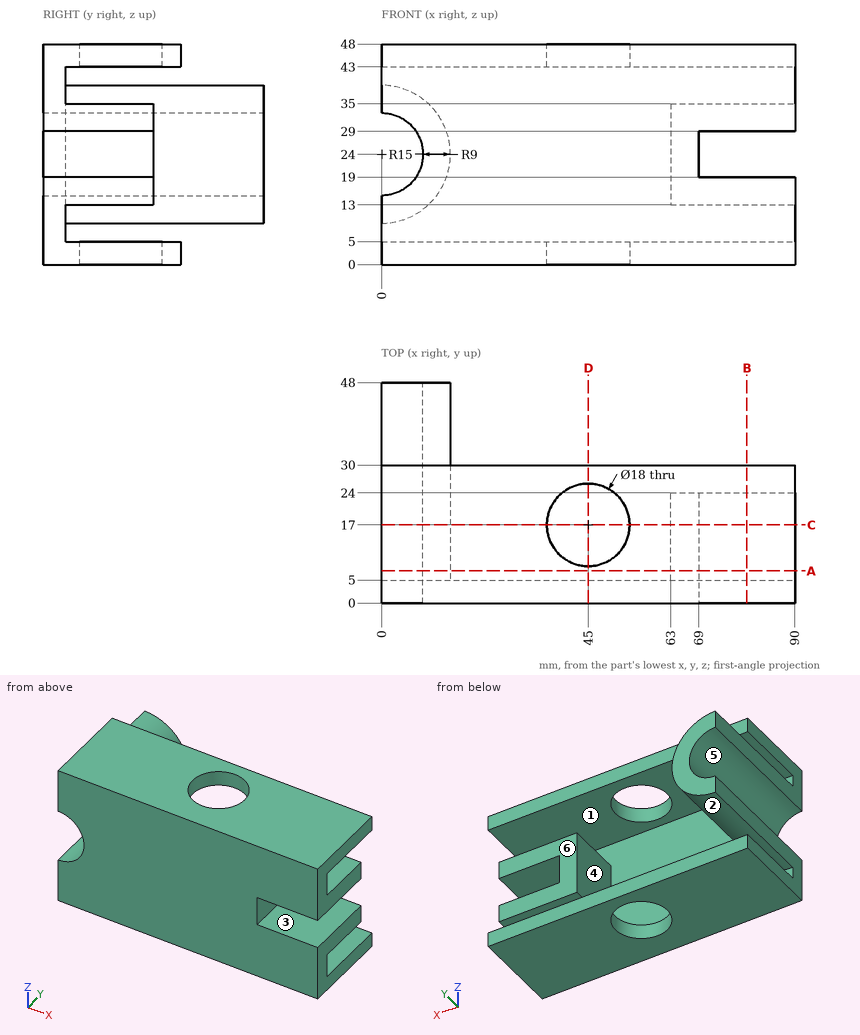
Geometry: see drawing. Coordinates: mm, zero at the bounding-box minimum. A direction names the side the tool comes from. Give positions to 0.01 mm unless a question says otherwise; leave off trailing zeros. Loops run counter-clockwise (first coordinate to the right, second up) from the corner with the lowest first, then second, coordinate; pieces in that order, holes last. Notation, with made-up numbers: (18, 51) -> (36, 51) arc R21 ccw to (36, 58) -> close; hole circle Ø6 at (-29, 69). An arc over 180 degrees is marked (long way). Use CSV: the item, a comma, the result in double quotes.
(1) Cut plane B-B (x = 79.5). Output: boundary loops of the cut face in (y, z).
From the geometry:
outline,"(0, 0) -> (30, 0) -> (30, 5) -> (5, 5) -> (5, 13) -> (24, 13) -> (24, 19) -> (0, 19) -> close; (0, 29) -> (24, 29) -> (24, 35) -> (5, 35) -> (5, 43) -> (30, 43) -> (30, 48) -> (0, 48) -> close"
(2) Pull-direction query (X, two-part tool) for the marked faces 4, 5 and 6; classes: released by +X, released by -X, zero draft, split by the parting line, or undercut.
From the geometry:
face 4,"undercut"
face 5,"released by -X"
face 6,"zero draft"
(3) First-contact query: P1, Ø24, axis at x = 82, z = 23.5, coming from the +Y side; P2, Ø9.5, axis at y = 10.5, z = 23.5, coming from the -X side; P3, Ø4, axis at x = 32, z = 2.5, coming from the +Y side; P4, Ø11, axis at x = 45, y = 17, coming from the +Z side. Flat tips, straight axial feed; report the tip coordinate or a pass-through.
From the geometry:
P1,"y = 24"
P2,"x = 7.31"
P3,"y = 30"
P4,"through"
(4) Access query for the marked faces 1, 2 and 3. Directions: +Z, -Z, +X, -X, +Y, -Y. A direction counts if a zero-diameter tool reaches every point of the face in a straight line with its end or side. Return the directions, or none.
From the geometry:
face 1,"+X, -X, +Y"
face 2,"+Y"
face 3,"+X, +Y, -Y"
(5) Cut plane C-C (y = 17). Output: boundary loops of the cut face in (x, z), plus the area to 3 significant figures.
From the geometry:
outline,"(0, 0) -> (36, 0) -> (36, 5) -> (0, 5) -> close; (0, 9) arc R15 ccw to (0, 39) -> (0, 33) arc R9 cw to (0, 15) -> close; (0, 43) -> (36, 43) -> (36, 48) -> (0, 48) -> close; (54, 0) -> (90, 0) -> (90, 5) -> (54, 5) -> close; (54, 43) -> (90, 43) -> (90, 48) -> (54, 48) -> close; (63, 13) -> (90, 13) -> (90, 19) -> (69, 19) -> (69, 29) -> (90, 29) -> (90, 35) -> (63, 35) -> close"
area,"1,330 mm^2"
(6) Cut plane D-D (x = 45). Output: boundary loops of the cut face in (y, z), plus the area to 3 significant figures.
From the geometry:
outline,"(0, 0) -> (8, 0) -> (8, 5) -> (5, 5) -> (5, 43) -> (8, 43) -> (8, 48) -> (0, 48) -> close; (26, 0) -> (30, 0) -> (30, 5) -> (26, 5) -> close; (26, 43) -> (30, 43) -> (30, 48) -> (26, 48) -> close"
area,"310 mm^2"
(7) Ray query, line 1 along Z through (x, y) = (67.5, 19); line 2 along Y through (x, z) = (45, 44.8); line 3 along Z through (x, y) = (18, 24). Return the intervals inside material, ascending. Write a range as [from, to].
From the geometry:
line 1,"[0, 5], [13, 35], [43, 48]"
line 2,"[0, 8], [26, 30]"
line 3,"[0, 5], [43, 48]"
(8) Cut plane A-A (y = 7). Output: boundary loops of the cut face in (x, z).
From the geometry:
outline,"(0, 0) -> (90, 0) -> (90, 5) -> (0, 5) -> close; (0, 9) arc R15 ccw to (0, 39) -> (0, 33) arc R9 cw to (0, 15) -> close; (0, 43) -> (90, 43) -> (90, 48) -> (0, 48) -> close; (63, 13) -> (90, 13) -> (90, 19) -> (69, 19) -> (69, 29) -> (90, 29) -> (90, 35) -> (63, 35) -> close"
from build123d import *

# Parameters (mm, degrees)
SKETCH1_R           = 5
BOSS_EXTRUDE1_DEPTH = 5


with BuildPart() as part:
    # Sketch1 → Boss-Extrude1 (new, symmetric)
    with BuildSketch(Plane.XY):
        with BuildLine():
            Line((0, 10), (30, 10))
            Line((30, 10), (30, -10))
            Line((30, -10), (0, -10))
            ThreePointArc((0, -10), (-10, 0), (0, 10))
        make_face()
        Circle(SKETCH1_R, mode=Mode.SUBTRACT)
    extrude(amount=BOSS_EXTRUDE1_DEPTH, both=True)

    # Sketch2 → Revolve1 (revolve)
    with BuildSketch(Plane.XY, mode=Mode.PRIVATE) as revolve1_sk:
        Polygon((30, 0), (30, -5), (430, -5), (430, -15), (450, -15), (450, 0), align=None)
    revolve(revolve1_sk.sketch.rotate(Axis((450, 0, 0), (-1, 0, 0)), 180), axis=Axis((450, 0, 0), (-1, 0, 0)))


solid = part.part
Here's how the part is built. I have some questions about the finished solid (model axes, mm). A direction names the side the tool comes from. Give positions to 0.01 mm unless a question says otherwise; leave off trailing zeros. Loops run counter-clockwise (first coordinate to the right, second up) from the corner with the lowest first, then second, coordinate; pieces in that order, holes last. Notation, with made-up numbers: (63.25, 52) -> (109.25, 52) arc R28 ccw to (109.25, 87) -> close; hole circle Ø5 at (50.5, -12.5). An arc over 180 degrees is marked (long way). Answer as a JSON object with one key per item and string values. Group by question number.
Item 1: Will these pins go through, and if not, where does the flat tip stop? pin 1 (6 mm diameter, centred on x = 0.5, y = 4, fed in from +Z); pin 2 (10 mm diameter, centred on x = 181.5, z = 7, fed in from -Y); pin 3 (4 mm diameter, centred on x = 55.5, y = 4, fed in from -Z).
Item 2: I need wall thicknesses on L1, parallel to Y at x = 0, z = -1; L2, parallel to X at y = 10.25, z = -7; L3, parallel to X at y = -4.5, z = 2.75. Which ranges of each line are inside material? Lowest first, please.
Item 3: Thinking about a two-plate mould opening in Y: for faces 6 (the cylindrical face through (-1.08, -4.88, -0.07)), 7 (the cylindrical face through (233, -5, 0)), 8 (the flat face through (450, 0, 0)), 9 (the flat face through (15, 10, 0)), which applies, pulls with the +Y half, pulls with the -Y half, needs draft (parallel to the pull), parting line crosses it, or undercut?
Item 4: On a 3-axis mill with a long thin cutter (end or side, diameter ignored), from which of +Z, -Z, +X, -X, +Y, -Y can I reach the whole of each face in a straight line? I mean faces 1 (the flat face through (10, 0, 5)), 2 (the flat face through (10, 0, -5)), 3 (the flat face through (430, 4, -4)), 4 (the flat face through (30, -7, 0)), 5 (the flat face through (15, -10, 0)). Say none if no direction works.
Item 5: Imagine slicing it at A-A on z = 0. Write out the boundary of the cut face in (x, y), then the cut area to 3 significant figures.
Item 6: Imagine slicing it at B-B on x = 260.5. Write out the boundary of the cut face in (y, z), then the cut area to 3 significant figures.
Answer list:
{
 "1": {"pin 1": "stops at z = 5", "pin 2": "stops at y = -4.58", "pin 3": "stops at z = -4.58"},
 "2": {"L1": "y = -10 to -5, 5 to 10", "L2": "x = 430 to 450", "L3": "x = -8.93 to -2.18, 2.18 to 30, 430 to 450"},
 "3": {"face 6": "undercut", "face 7": "parting line crosses it", "face 8": "needs draft", "face 9": "pulls with the +Y half"},
 "4": {"face 1": "+Z, -X, +Y, -Y", "face 2": "-Z, -X, +Y, -Y", "face 3": "none", "face 4": "-Y", "face 5": "+Z, -Z, -X, -Y"},
 "5": {"outline": "(0, -10) -> (30, -10) -> (30, -5) -> (430, -5) -> (430, -15) -> (450, -15) -> (450, 15) -> (430, 15) -> (430, 5) -> (30, 5) -> (30, 10) -> (0, 10) arc R10 ccw to start; hole circle Ø10 at (0, 0)", "area": "5,280 mm2"},
 "6": {"outline": "circle Ø10 at (0, 0)", "area": "78.5 mm2"}
}
Read the model definition and answer for the solid it produces. Units are mm, in the model's axes. A direction names the side the tool comes from. Give positions to 0.01 mm unless a question says otherwise; leave off trailing zeros. Order: outer loops, then holes, each group sorted by start corner. A loop starts at its lowest first (then second) coordinate and runs counter-clockwise, first axis right, second up. Notation, with made-up numbers: (23, -16) - (80, -16) arc R28 ccw to (80, 21) - close; hole circle Ø6 at (-4.5, 4). An arc over 180 degrees is marked (long way). Return JSON: item names as keys, results as strings.
```python
from build123d import *

# Parameters (mm, degrees)
SKETCH1_R           = 75
SKETCH1_R_2         = 35
BOSS_EXTRUDE1_DEPTH = 22
BOSS_EXTRUDE2_START = 22
SKETCH2_R           = 50
SKETCH2_R_2         = 35
BOSS_EXTRUDE2_DEPTH = 50
CUT_EXTRUDE1_START  = 58.35
SKETCH3_R           = 50
SKETCH3_R_2         = 47.5
CUT_EXTRUDE1_DEPTH  = 2.65
SKETCH5_R           = 4
CUT_EXTRUDE2_DEPTH  = 129.195163715
CHAMFER1_SIZE       = 1


with BuildPart() as part:
    # Sketch1 → Boss-Extrude1 (new body)
    with BuildSketch(Plane.XY):
        Circle(SKETCH1_R)
        Circle(SKETCH1_R_2, mode=Mode.SUBTRACT)
    extrude(amount=BOSS_EXTRUDE1_DEPTH)

    # Sketch2 → Boss-Extrude2 (add)
    with BuildSketch(Plane.XY.offset(BOSS_EXTRUDE2_START)):
        Circle(SKETCH2_R)
        Circle(SKETCH2_R_2, mode=Mode.SUBTRACT)
    extrude(amount=BOSS_EXTRUDE2_DEPTH)

    # Sketch3 → Cut-Extrude1 (cut)
    with BuildSketch(Plane.XY.offset(CUT_EXTRUDE1_START)):
        Circle(SKETCH3_R)
        Circle(SKETCH3_R_2, mode=Mode.SUBTRACT)
    extrude(amount=CUT_EXTRUDE1_DEPTH, mode=Mode.SUBTRACT)

    # Sketch5 → Cut-Extrude2 (cut, through all)
    with BuildSketch(Plane(origin=(0, 0, 0), x_dir=(-1, 0, 0), z_dir=(0, 0, -1))):
        with Locations((-17.413936667, 65.732448682)):
            Circle(SKETCH5_R)
        with Locations((48.219002079, 47.947135874)):
            Circle(SKETCH5_R)
        with Locations((65.632938745, -17.785312808)):
            Circle(SKETCH5_R)
        with Locations((17.413936667, -65.732448682)):
            Circle(SKETCH5_R)
        with Locations((-48.219002079, -47.947135874)):
            Circle(SKETCH5_R)
        with Locations((-65.632938745, 17.785312808)):
            Circle(SKETCH5_R)
    extrude(amount=-CUT_EXTRUDE2_DEPTH, mode=Mode.SUBTRACT)

    # Chamfer1
    chamfer1_edges = [part.edges().sort_by_distance(p)[0] for p in [
        (21.413936667, 65.732448682, 0),
        (-44.219002079, 47.947135874, 0),
        (-61.632938745, -17.785312808, 0),
        (-13.413936667, -65.732448682, 0),
        (52.219002079, -47.947135874, 0),
        (69.632938745, 17.785312808, 0),
    ]]
    chamfer(chamfer1_edges, length=CHAMFER1_SIZE)

    # Sketch7 → Cut-Revolve1 (revolve, cut)
    with BuildSketch(Plane(origin=(0, 0, 0), x_dir=(0, 0, -1), z_dir=(1, 0, 0)), mode=Mode.PRIVATE) as cut_revolve1_sk:
        Polygon((-72, 35), (-72, 36.5), (-70, 37.654700538), (-70, 40), (-65.7, 40), (-65.7, 35), align=None)
    revolve(cut_revolve1_sk.sketch.rotate(Axis((0, 0, 72), (0, 0, -1)), 90), axis=Axis((0, 0, 72), (0, 0, -1)), mode=Mode.SUBTRACT)


solid = part.part
```
Q1. A cutting plane is placed at A-A (y = 0). Write down the section's boundary in (x, z), and give its area (3 significant figures).
Values:
{"outline": "(-75, 0) - (-35, 0) - (-35, 65.7) - (-40, 65.7) - (-40, 70) - (-37.65, 70) - (-36.5, 72) - (-50, 72) - (-50, 61) - (-47.5, 61) - (-47.5, 58.35) - (-50, 58.35) - (-50, 22) - (-75, 22) - close; (35, 0) - (75, 0) - (75, 22) - (50, 22) - (50, 58.35) - (47.5, 58.35) - (47.5, 61) - (50, 61) - (50, 72) - (36.5, 72) - (37.65, 70) - (40, 70) - (40, 65.7) - (35, 65.7) - close", "area": "3,200 mm²"}
Q2. A cutting plane is placed at D-D (x = 17.5). Give the number of separate pieces and of enclosed holes in the cut face, and give its area (3 significant figures).
Values:
{"separate pieces": "3", "enclosed holes": "0", "area": "3,280 mm²"}
Q3. Given pin 1 (5 mm diameter, centred on x = 27.5, z = 52, fed in from -Y); pin 2 (5 mm diameter, centred on y = 26.5, z = 57, fed in from -X); pin 3 (1.5 mm diameter, centred on x = 46.5, y = 2.5, fed in from -Z); pin 4 (3 mm diameter, centred on y = -60, z = 7.5, fed in from -X), each flat-ended and moving along its own axis, determine where each tip first touches the part or whether it passes through.
Values:
{"pin 1": "stops at y = -43.3", "pin 2": "stops at x = -43.86", "pin 3": "stops at z = 0", "pin 4": "stops at x = -46.93"}
Q4. Consider L1, parallel to Z at x = -46, y = -16.5; L2, parallel to Y at x = -18, z = 9.5; L3, parallel to Y at x = 0, z = 66. Determine where each line is inside the solid, lowest interval first.
Values:
{"L1": "z = 0 to 58.35, 61 to 72", "L2": "y = -72.81 to -69.69, -61.78 to -30.02, 30.02 to 72.81", "L3": "y = -50 to -40, 40 to 50"}
Q5. A cutting plane is placed at C-C (z = 30.5). Write down the section's boundary in (x, y).
Values:
{"outline": "circle Ø100 at (0, 0); hole circle Ø70 at (0, 0)"}
Q6. Determine the mould class of faces 1 (the cylindrical face through (-10.3, -46.37, 59.66)), 2 (the flat face through (32, -16, 0)), 3 (the flat face through (3, -37, 72)), 4 (the cylindrical face through (47.69, 15.02, 39.92)) for opening direction Z: released by +Z, released by -Z, zero draft, split by the parting line, or undercut.
Values:
{"face 1": "undercut", "face 2": "released by -Z", "face 3": "released by +Z", "face 4": "zero draft"}
Q7. For faces 5 (the cylindrical face through (-45.045, 45.513, 11.353)), 6 (the cylindrical face through (47.69, 15.02, 66.42)), 7 (the flat face through (44.2, -18.3, 61)), determine the directions among +Z, -Z, +X, -X, +Y, -Y from which every point of the face is accessible in a straight line to the end or side of a thin tool.
Values:
{"face 5": "+Z, -Z", "face 6": "+Z", "face 7": "none"}
● ● ● ● ●
### Task requirements
If a line of the entries above includes the word "align", count it; then state the total and nothing else.

### Reply to the exercise
2